▶ _Work instructions_
Show every line from the data below that includes "direction".
Available data section start
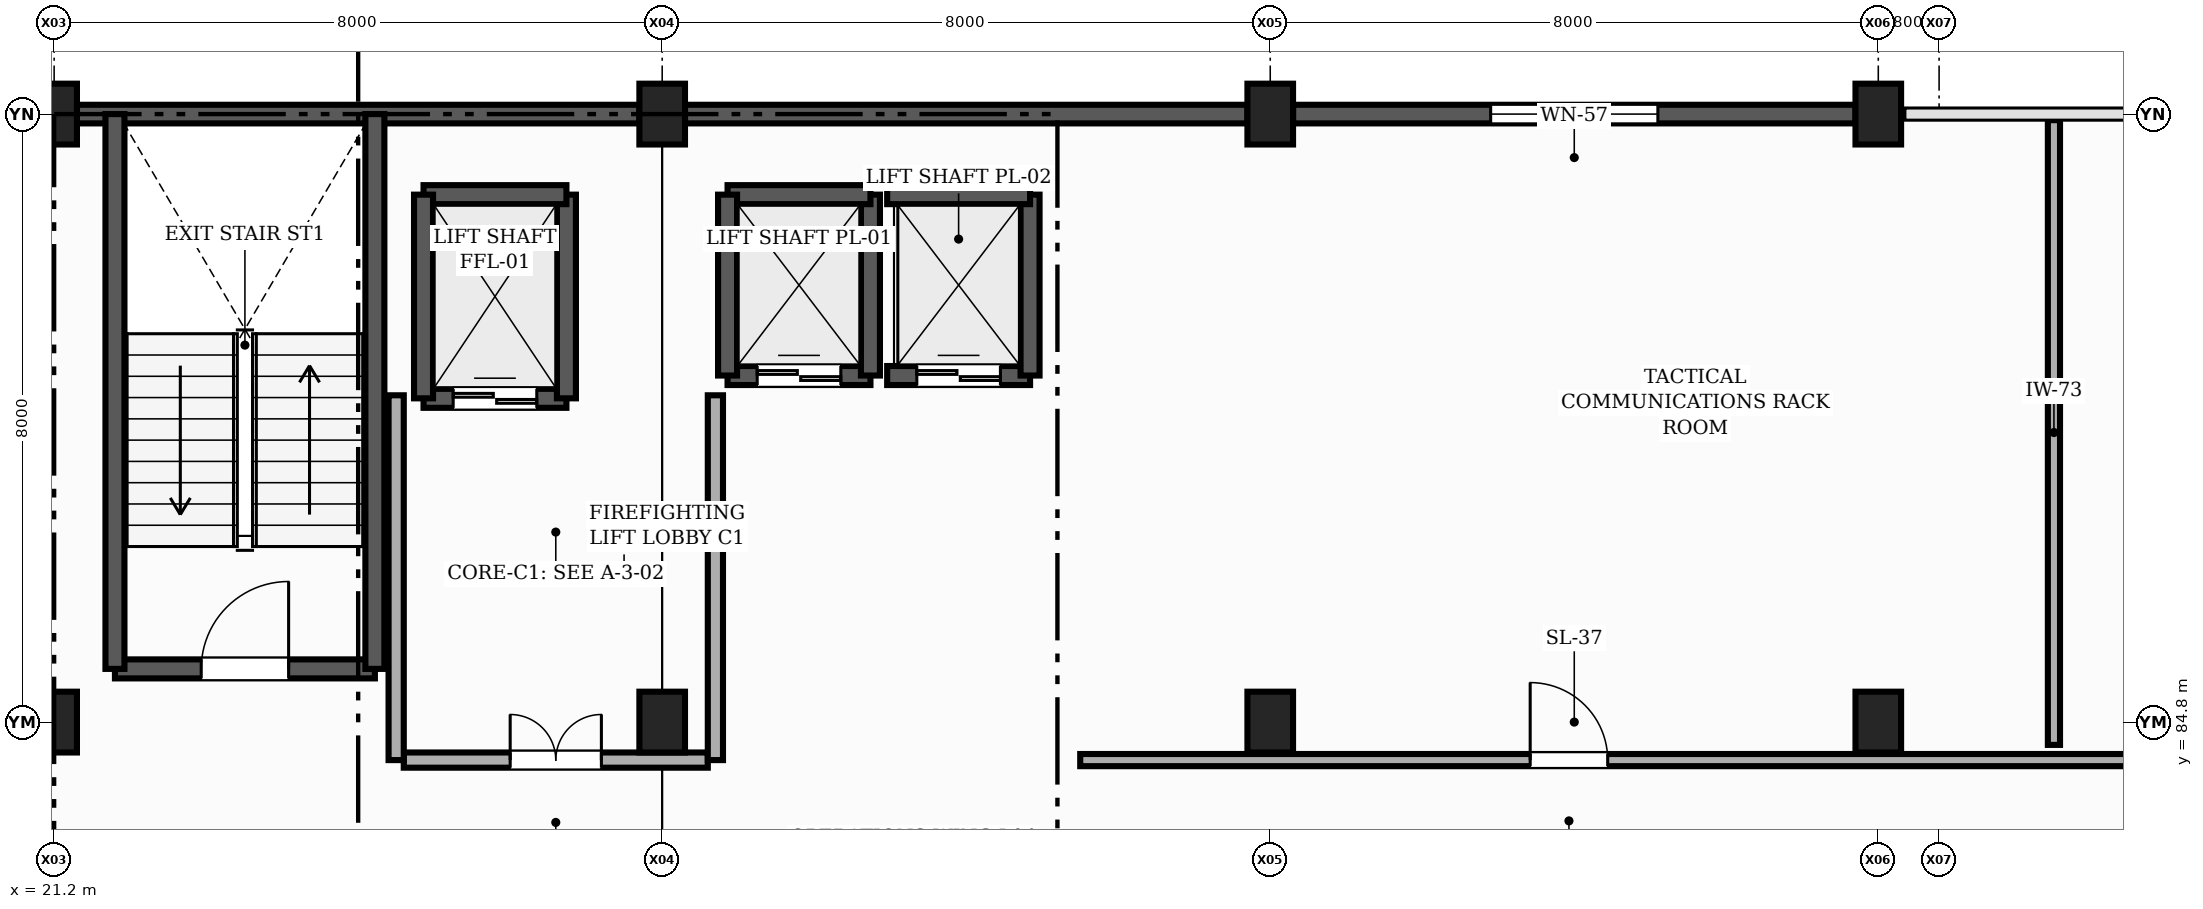
"""IFC4 building model, lengths in metres.
Left out: names, types, materials, properties, quantities, classifications, styles, units other than length and angle.
Written with IfcOpenShell. Run it as: python <this file> out.ifc"""

import sys

from ifc_helpers import new_model, si_unit, direction, frame, frame_2d, origin, origin_2d, place, context, subcontext, project, spatial, rectangle, extrude, element, fill, save


model = new_model("IFC4")
c1 = context("Model", 3, precision=1e-05, world=origin(), true_north=direction((0.0, 1.0)))
c2 = subcontext(c1, "Body", "Model", "MODEL_VIEW")
j1 = project(units=[si_unit("LENGTHUNIT", "METRE"), si_unit("PLANEANGLEUNIT", "RADIAN")], contexts=[c1])
p1 = place(None, origin())
s1 = spatial("IfcSite", under=j1, at=p1, CompositionType="ELEMENT")
p2 = place(p1, origin())
s2 = spatial("IfcBuilding", under=s1, at=p2, CompositionType="ELEMENT")
p3 = place(p2, frame((0.0, 0.0, 18.0)))
s3 = spatial("IfcBuildingStorey", under=s2, at=p3, CompositionType="ELEMENT", Elevation=18.0)
for number, where, z_axis, x_axis in (
    (1, (21.2, 84.8, 0.0), (0.0, 0.0, 1.0), (1.0, 0.0, 0.0)),
    (2, (21.2, 92.8, 0.0), (0.0, 0.0, 1.0), (1.0, 0.0, 0.0)),
    (3, (29.2, 84.8, 0.0), (0.0, 0.0, 1.0), (1.0, 0.0, 0.0)),
    (4, (29.2, 92.8, 0.0), (0.0, 0.0, 1.0), (1.0, 0.0, 0.0)),
    (5, (37.2, 84.8, 0.0), (0.0, 0.0, 1.0), (1.0, 0.0, 0.0)),
    (6, (37.2, 92.8, 0.0), (0.0, 0.0, 1.0), (1.0, 0.0, 0.0)),
    (7, (45.2, 84.8, 0.0), (0.0, 0.0, 1.0), (1.0, 0.0, 0.0)),
    (8, (45.2, 92.8, 0.0), (0.0, 0.0, 1.0), (1.0, 0.0, 0.0)),
):
    element("IfcColumn", number, at=place(p3, frame(where, z_axis=z_axis, x_axis=x_axis)), inside=s3, PredefinedType="COLUMN", context=c2, shape_type="SweptSolid", body=[
        extrude(rectangle(XDim=0.6, YDim=0.8, at=origin_2d()), origin(), (0.0, 0.0, 1.0), 3.9),
    ])
p4 = place(p3, frame((44.9, 92.8, 0.0), z_axis=(0.0, 0.0, 1.0), x_axis=(-1.0, 0.0, 0.0)))
e9 = element("IfcWall", 9, at=p4, inside=s3, PredefinedType="SOLIDWALL", context=c2, shape_type="SweptSolid", body=[
    extrude(rectangle(XDim=7.4, YDim=0.245, at=frame_2d((3.7, 0.0))), origin(), (0.0, 0.0, 1.0), 2.99),
])
p5 = place(p4, frame((2.6, 0.0, 0.9)))
e10 = element("IfcOpeningElement", 10, at=p5, cuts=e9, PredefinedType="OPENING", context=c2, shape_type="SweptSolid", body=[
    extrude(rectangle(XDim=2.2, YDim=1.6, at=frame_2d((1.1, 0.8))), frame((0.0, 0.133, 0.0), z_axis=(0.0, -1.0, 0.0), x_axis=(1.0, 0.0, 0.0)), (0.0, 0.0, 1.0), 0.265),
])
p6 = place(p3, frame((36.9, 92.8, 0.0), z_axis=(0.0, 0.0, 1.0), x_axis=(-1.0, 0.0, 0.0)))
e11 = element("IfcWall", 11, at=p6, inside=s3, PredefinedType="SOLIDWALL", context=c2, shape_type="SweptSolid", body=[
    extrude(rectangle(XDim=7.4, YDim=0.245, at=frame_2d((3.7, 0.0))), origin(), (0.0, 0.0, 1.0), 2.99),
])
p7 = place(p3, frame((28.9, 92.8, 0.0), z_axis=(0.0, 0.0, 1.0), x_axis=(-1.0, 0.0, 0.0)))
e12 = element("IfcWall", 12, at=p7, inside=s3, PredefinedType="SOLIDWALL", context=c2, shape_type="SweptSolid", body=[
    extrude(rectangle(XDim=7.4, YDim=0.245, at=frame_2d((3.7, 0.0))), origin(), (0.0, 0.0, 1.0), 3.64),
])
p8 = place(p3, frame((22.0, 85.5, 0.0), z_axis=(0.0, 0.0, 1.0), x_axis=(1.0, 0.0, 0.0)))
e13 = element("IfcWall", 13, at=p8, inside=s3, PredefinedType="SHEAR", context=c2, shape_type="SweptSolid", body=[
    extrude(rectangle(XDim=3.42, YDim=0.25, at=frame_2d((1.71, 0.0))), origin(), (0.0, 0.0, 1.0), 3.9),
])
p9 = place(p8, frame((1.135, 0.0, 0.0)))
e14 = element("IfcOpeningElement", 14, at=p9, cuts=e13, PredefinedType="OPENING", context=c2, shape_type="SweptSolid", body=[
    extrude(rectangle(XDim=1.15, YDim=2.15, at=frame_2d((0.575, 1.075))), frame((0.0, 0.135, 0.0), z_axis=(0.0, -1.0, 0.0), x_axis=(1.0, 0.0, 0.0)), (0.0, 0.0, 1.0), 0.27),
])
for number, where, z_axis, x_axis in (
    (15, (25.42, 85.5, 0.0), (0.0, 0.0, 1.0), (0.0, 1.0, 0.0)),
    (16, (22.0, 92.8, 0.0), (0.0, 0.0, 1.0), (0.0, -1.0, 0.0)),
):
    element("IfcWall", number, at=place(p3, frame(where, z_axis=z_axis, x_axis=x_axis)), inside=s3, PredefinedType="SHEAR", context=c2, shape_type="SweptSolid", body=[
        extrude(rectangle(XDim=7.3, YDim=0.25, at=frame_2d((3.65, 0.0))), origin(), (0.0, 0.0, 1.0), 3.9),
    ])
p10 = place(p3, frame((26.06, 89.06, 0.0), z_axis=(0.0, 0.0, 1.0), x_axis=(1.0, 0.0, 0.0)))
e17 = element("IfcWall", 17, at=p10, inside=s3, PredefinedType="SHEAR", context=c2, shape_type="SweptSolid", body=[
    extrude(rectangle(XDim=1.88, YDim=0.25, at=frame_2d((0.94, 0.0))), origin(), (0.0, 0.0, 1.0), 3.9),
])
p11 = place(p10, frame((0.39, 0.0, 0.0)))
e18 = element("IfcOpeningElement", 18, at=p11, cuts=e17, PredefinedType="OPENING", context=c2, shape_type="SweptSolid", body=[
    extrude(rectangle(XDim=1.1, YDim=2.2, at=frame_2d((0.55, 1.1))), frame((0.0, 0.135, 0.0), z_axis=(0.0, -1.0, 0.0), x_axis=(1.0, 0.0, 0.0)), (0.0, 0.0, 1.0), 0.27),
])
p12 = place(p3, frame((27.94, 89.06, 0.0), z_axis=(0.0, 0.0, 1.0), x_axis=(0.0, 1.0, 0.0)))
e19 = element("IfcWall", 19, at=p12, inside=s3, PredefinedType="SHEAR", context=c2, shape_type="SweptSolid", body=[
    extrude(rectangle(XDim=2.68, YDim=0.25, at=frame_2d((1.34, 0.0))), origin(), (0.0, 0.0, 1.0), 3.9),
])
p13 = place(p3, frame((27.94, 91.74, 0.0), z_axis=(0.0, 0.0, 1.0), x_axis=(-1.0, 0.0, 0.0)))
e20 = element("IfcWall", 20, at=p13, inside=s3, PredefinedType="SHEAR", context=c2, shape_type="SweptSolid", body=[
    extrude(rectangle(XDim=1.88, YDim=0.25, at=frame_2d((0.94, 0.0))), origin(), (0.0, 0.0, 1.0), 3.9),
])
p14 = place(p3, frame((26.06, 91.74, 0.0), z_axis=(0.0, 0.0, 1.0), x_axis=(0.0, -1.0, 0.0)))
e21 = element("IfcWall", 21, at=p14, inside=s3, PredefinedType="SHEAR", context=c2, shape_type="SweptSolid", body=[
    extrude(rectangle(XDim=2.68, YDim=0.25, at=frame_2d((1.34, 0.0))), origin(), (0.0, 0.0, 1.0), 3.9),
])
p15 = place(p3, frame((30.06, 89.36, 0.0), z_axis=(0.0, 0.0, 1.0), x_axis=(1.0, 0.0, 0.0)))
e22 = element("IfcWall", 22, at=p15, inside=s3, PredefinedType="SHEAR", context=c2, shape_type="SweptSolid", body=[
    extrude(rectangle(XDim=1.88, YDim=0.25, at=frame_2d((0.94, 0.0))), origin(), (0.0, 0.0, 1.0), 3.9),
])
p16 = place(p15, frame((0.39, 0.0, 0.0)))
e23 = element("IfcOpeningElement", 23, at=p16, cuts=e22, PredefinedType="OPENING", context=c2, shape_type="SweptSolid", body=[
    extrude(rectangle(XDim=1.1, YDim=2.2, at=frame_2d((0.55, 1.1))), frame((0.0, 0.135, 0.0), z_axis=(0.0, -1.0, 0.0), x_axis=(1.0, 0.0, 0.0)), (0.0, 0.0, 1.0), 0.27),
])
p17 = place(p3, frame((31.94, 89.36, 0.0), z_axis=(0.0, 0.0, 1.0), x_axis=(0.0, 1.0, 0.0)))
e24 = element("IfcWall", 24, at=p17, inside=s3, PredefinedType="SHEAR", context=c2, shape_type="SweptSolid", body=[
    extrude(rectangle(XDim=2.38, YDim=0.25, at=frame_2d((1.19, 0.0))), origin(), (0.0, 0.0, 1.0), 3.9),
])
p18 = place(p3, frame((31.94, 91.74, 0.0), z_axis=(0.0, 0.0, 1.0), x_axis=(-1.0, 0.0, 0.0)))
e25 = element("IfcWall", 25, at=p18, inside=s3, PredefinedType="SHEAR", context=c2, shape_type="SweptSolid", body=[
    extrude(rectangle(XDim=1.88, YDim=0.25, at=frame_2d((0.94, 0.0))), origin(), (0.0, 0.0, 1.0), 3.9),
])
p19 = place(p3, frame((30.06, 91.74, 0.0), z_axis=(0.0, 0.0, 1.0), x_axis=(0.0, -1.0, 0.0)))
e26 = element("IfcWall", 26, at=p19, inside=s3, PredefinedType="SHEAR", context=c2, shape_type="SweptSolid", body=[
    extrude(rectangle(XDim=2.38, YDim=0.25, at=frame_2d((1.19, 0.0))), origin(), (0.0, 0.0, 1.0), 3.9),
])
p20 = place(p3, frame((32.16, 89.36, 0.0), z_axis=(0.0, 0.0, 1.0), x_axis=(1.0, 0.0, 0.0)))
e27 = element("IfcWall", 27, at=p20, inside=s3, PredefinedType="SHEAR", context=c2, shape_type="SweptSolid", body=[
    extrude(rectangle(XDim=1.88, YDim=0.25, at=frame_2d((0.94, 0.0))), origin(), (0.0, 0.0, 1.0), 3.9),
])
p21 = place(p20, frame((0.39, 0.0, 0.0)))
e28 = element("IfcOpeningElement", 28, at=p21, cuts=e27, PredefinedType="OPENING", context=c2, shape_type="SweptSolid", body=[
    extrude(rectangle(XDim=1.1, YDim=2.2, at=frame_2d((0.55, 1.1))), frame((0.0, 0.135, 0.0), z_axis=(0.0, -1.0, 0.0), x_axis=(1.0, 0.0, 0.0)), (0.0, 0.0, 1.0), 0.27),
])
p22 = place(p3, frame((34.04, 89.36, 0.0), z_axis=(0.0, 0.0, 1.0), x_axis=(0.0, 1.0, 0.0)))
e29 = element("IfcWall", 29, at=p22, inside=s3, PredefinedType="SHEAR", context=c2, shape_type="SweptSolid", body=[
    extrude(rectangle(XDim=2.38, YDim=0.25, at=frame_2d((1.19, 0.0))), origin(), (0.0, 0.0, 1.0), 3.9),
])
p23 = place(p3, frame((34.04, 91.74, 0.0), z_axis=(0.0, 0.0, 1.0), x_axis=(-1.0, 0.0, 0.0)))
e30 = element("IfcWall", 30, at=p23, inside=s3, PredefinedType="SHEAR", context=c2, shape_type="SweptSolid", body=[
    extrude(rectangle(XDim=1.88, YDim=0.25, at=frame_2d((0.94, 0.0))), origin(), (0.0, 0.0, 1.0), 3.9),
])
p24 = place(p3, frame((25.8, 84.3, 0.0), z_axis=(0.0, 0.0, 1.0), x_axis=(1.0, 0.0, 0.0)))
e31 = element("IfcWall", 31, at=p24, inside=s3, PredefinedType="PARTITIONING", context=c2, shape_type="SweptSolid", body=[
    extrude(rectangle(XDim=4.0, YDim=0.2, at=frame_2d((2.0, 0.0))), origin(), (0.0, 0.0, 1.0), 3.075),
])
p25 = place(p24, frame((1.4, 0.0, 0.0)))
e32 = element("IfcOpeningElement", 32, at=p25, cuts=e31, PredefinedType="OPENING", context=c2, shape_type="SweptSolid", body=[
    extrude(rectangle(XDim=1.2, YDim=2.15, at=frame_2d((0.6, 1.075))), frame((0.0, 0.11, 0.0), z_axis=(0.0, -1.0, 0.0), x_axis=(1.0, 0.0, 0.0)), (0.0, 0.0, 1.0), 0.22),
])
p26 = place(p3, frame((25.7, 84.3, 0.0), z_axis=(0.0, 0.0, 1.0), x_axis=(0.0, 1.0, 0.0)))
e33 = element("IfcWall", 33, at=p26, inside=s3, PredefinedType="PARTITIONING", context=c2, shape_type="SweptSolid", body=[
    extrude(rectangle(XDim=4.8, YDim=0.2, at=frame_2d((2.4, 0.0))), origin(), (0.0, 0.0, 1.0), 2.925),
])
p27 = place(p3, frame((29.9, 84.3, 0.0), z_axis=(0.0, 0.0, 1.0), x_axis=(0.0, 1.0, 0.0)))
e34 = element("IfcWall", 34, at=p27, inside=s3, PredefinedType="PARTITIONING", context=c2, shape_type="SweptSolid", body=[
    extrude(rectangle(XDim=4.8, YDim=0.2, at=frame_2d((2.4, 0.0))), origin(), (0.0, 0.0, 1.0), 2.975),
])
p28 = place(p3, frame((47.511, 84.5, 0.0), z_axis=(0.0, 0.0, 1.0), x_axis=(0.0, 1.0, 0.0)))
e35 = element("IfcWall", 35, at=p28, inside=s3, PredefinedType="PARTITIONING", context=c2, shape_type="SweptSolid", body=[
    extrude(rectangle(XDim=8.22, YDim=0.16, at=frame_2d((4.11, 0.0))), origin(), (0.0, 0.0, 1.0), 2.975),
])
p29 = place(p3, frame((34.7, 84.3, 0.0), z_axis=(0.0, 0.0, 1.0), x_axis=(1.0, 0.0, 0.0)))
e36 = element("IfcWall", 36, at=p29, inside=s3, PredefinedType="PARTITIONING", context=c2, shape_type="SweptSolid", body=[
    extrude(rectangle(XDim=35.4, YDim=0.16, at=frame_2d((17.7, 0.0))), origin(), (0.0, 0.0, 1.0), 3.075),
])
p30 = place(p29, frame((5.92, 0.0, 0.0)))
e37 = element("IfcOpeningElement", 37, at=p30, cuts=e36, PredefinedType="OPENING", context=c2, shape_type="SweptSolid", body=[
    extrude(rectangle(XDim=1.02, YDim=2.12, at=frame_2d((0.51, 1.06))), frame((0.0, 0.09, 0.0), z_axis=(0.0, -1.0, 0.0), x_axis=(1.0, 0.0, 0.0)), (0.0, 0.0, 1.0), 0.18),
])
p31 = place(p29, frame((17.2, 0.0, 0.0)))
e38 = element("IfcOpeningElement", 38, at=p31, cuts=e36, PredefinedType="OPENING", context=c2, shape_type="SweptSolid", body=[
    extrude(rectangle(XDim=0.95, YDim=2.15, at=frame_2d((0.475, 1.075))), frame((0.0, 0.09, 0.0), z_axis=(0.0, -1.0, 0.0), x_axis=(1.0, 0.0, 0.0)), (0.0, 0.0, 1.0), 0.18),
])
p32 = place(p29, frame((28.48, 0.0, 0.0)))
e39 = element("IfcOpeningElement", 39, at=p32, cuts=e36, PredefinedType="OPENING", context=c2, shape_type="SweptSolid", body=[
    extrude(rectangle(XDim=1.08, YDim=2.14, at=frame_2d((0.54, 1.07))), frame((0.0, 0.09, 0.0), z_axis=(0.0, -1.0, 0.0), x_axis=(1.0, 0.0, 0.0)), (0.0, 0.0, 1.0), 0.18),
])
p33 = place(p5, origin())
e40 = element("IfcWindow", 40, at=p33, inside=s3, PartitioningType="SINGLE_PANEL", PredefinedType="WINDOW", context=c2, shape_type="SweptSolid", body=[
    extrude(rectangle(XDim=2.2, YDim=1.6, at=frame_2d((1.1, 0.8))), frame((0.0, 0.03, 0.0), z_axis=(0.0, -1.0, 0.0), x_axis=(1.0, 0.0, 0.0)), (0.0, 0.0, 1.0), 0.06),
])
fill(e10, e40)
p34 = place(p9, origin())
e41 = element("IfcDoor", 41, at=p34, inside=s3, OperationType="SINGLE_SWING_RIGHT", PredefinedType="DOOR", context=c2, shape_type="SweptSolid", body=[
    extrude(rectangle(XDim=1.15, YDim=2.15, at=frame_2d((0.575, 1.075))), frame((0.0, 0.025, 0.0), z_axis=(0.0, -1.0, 0.0), x_axis=(1.0, 0.0, 0.0)), (0.0, 0.0, 1.0), 0.05),
])
fill(e14, e41)
p35 = place(p11, origin())
e42 = element("IfcDoor", 42, at=p35, inside=s3, OperationType="DOUBLE_DOOR_SLIDING", PredefinedType="DOOR", context=c2, shape_type="SweptSolid", body=[
    extrude(rectangle(XDim=1.1, YDim=2.2, at=frame_2d((0.55, 1.1))), frame((0.0, 0.025, 0.0), z_axis=(0.0, -1.0, 0.0), x_axis=(1.0, 0.0, 0.0)), (0.0, 0.0, 1.0), 0.05),
])
fill(e18, e42)
p36 = place(p16, origin())
e43 = element("IfcDoor", 43, at=p36, inside=s3, OperationType="DOUBLE_DOOR_SLIDING", PredefinedType="DOOR", context=c2, shape_type="SweptSolid", body=[
    extrude(rectangle(XDim=1.1, YDim=2.2, at=frame_2d((0.55, 1.1))), frame((0.0, 0.025, 0.0), z_axis=(0.0, -1.0, 0.0), x_axis=(1.0, 0.0, 0.0)), (0.0, 0.0, 1.0), 0.05),
])
fill(e23, e43)
p37 = place(p21, origin())
e44 = element("IfcDoor", 44, at=p37, inside=s3, OperationType="DOUBLE_DOOR_SLIDING", PredefinedType="DOOR", context=c2, shape_type="SweptSolid", body=[
    extrude(rectangle(XDim=1.1, YDim=2.2, at=frame_2d((0.55, 1.1))), frame((0.0, 0.025, 0.0), z_axis=(0.0, -1.0, 0.0), x_axis=(1.0, 0.0, 0.0)), (0.0, 0.0, 1.0), 0.05),
])
fill(e28, e44)
p38 = place(p25, origin())
e45 = element("IfcDoor", 45, at=p38, inside=s3, OperationType="DOUBLE_DOOR_SINGLE_SWING", PredefinedType="DOOR", context=c2, shape_type="SweptSolid", body=[
    extrude(rectangle(XDim=1.2, YDim=2.15, at=frame_2d((0.6, 1.075))), frame((0.0, 0.025, 0.0), z_axis=(0.0, -1.0, 0.0), x_axis=(1.0, 0.0, 0.0)), (0.0, 0.0, 1.0), 0.05),
])
fill(e32, e45)
p39 = place(p30, origin())
e46 = element("IfcDoor", 46, at=p39, inside=s3, OperationType="SINGLE_SWING_LEFT", PredefinedType="DOOR", context=c2, shape_type="SweptSolid", body=[
    extrude(rectangle(XDim=1.02, YDim=2.12, at=frame_2d((0.51, 1.06))), frame((0.0, 0.025, 0.0), z_axis=(0.0, -1.0, 0.0), x_axis=(1.0, 0.0, 0.0)), (0.0, 0.0, 1.0), 0.05),
])
fill(e37, e46)
save(model, sys.argv[1])
Available data section end
▶ _Expected output_
from ifc_helpers import new_model, si_unit, direction, frame, frame_2d, origin, origin_2d, place, context, subcontext, project, spatial, rectangle, extrude, element, fill, save
c1 = context("Model", 3, precision=1e-05, world=origin(), true_north=direction((0.0, 1.0)))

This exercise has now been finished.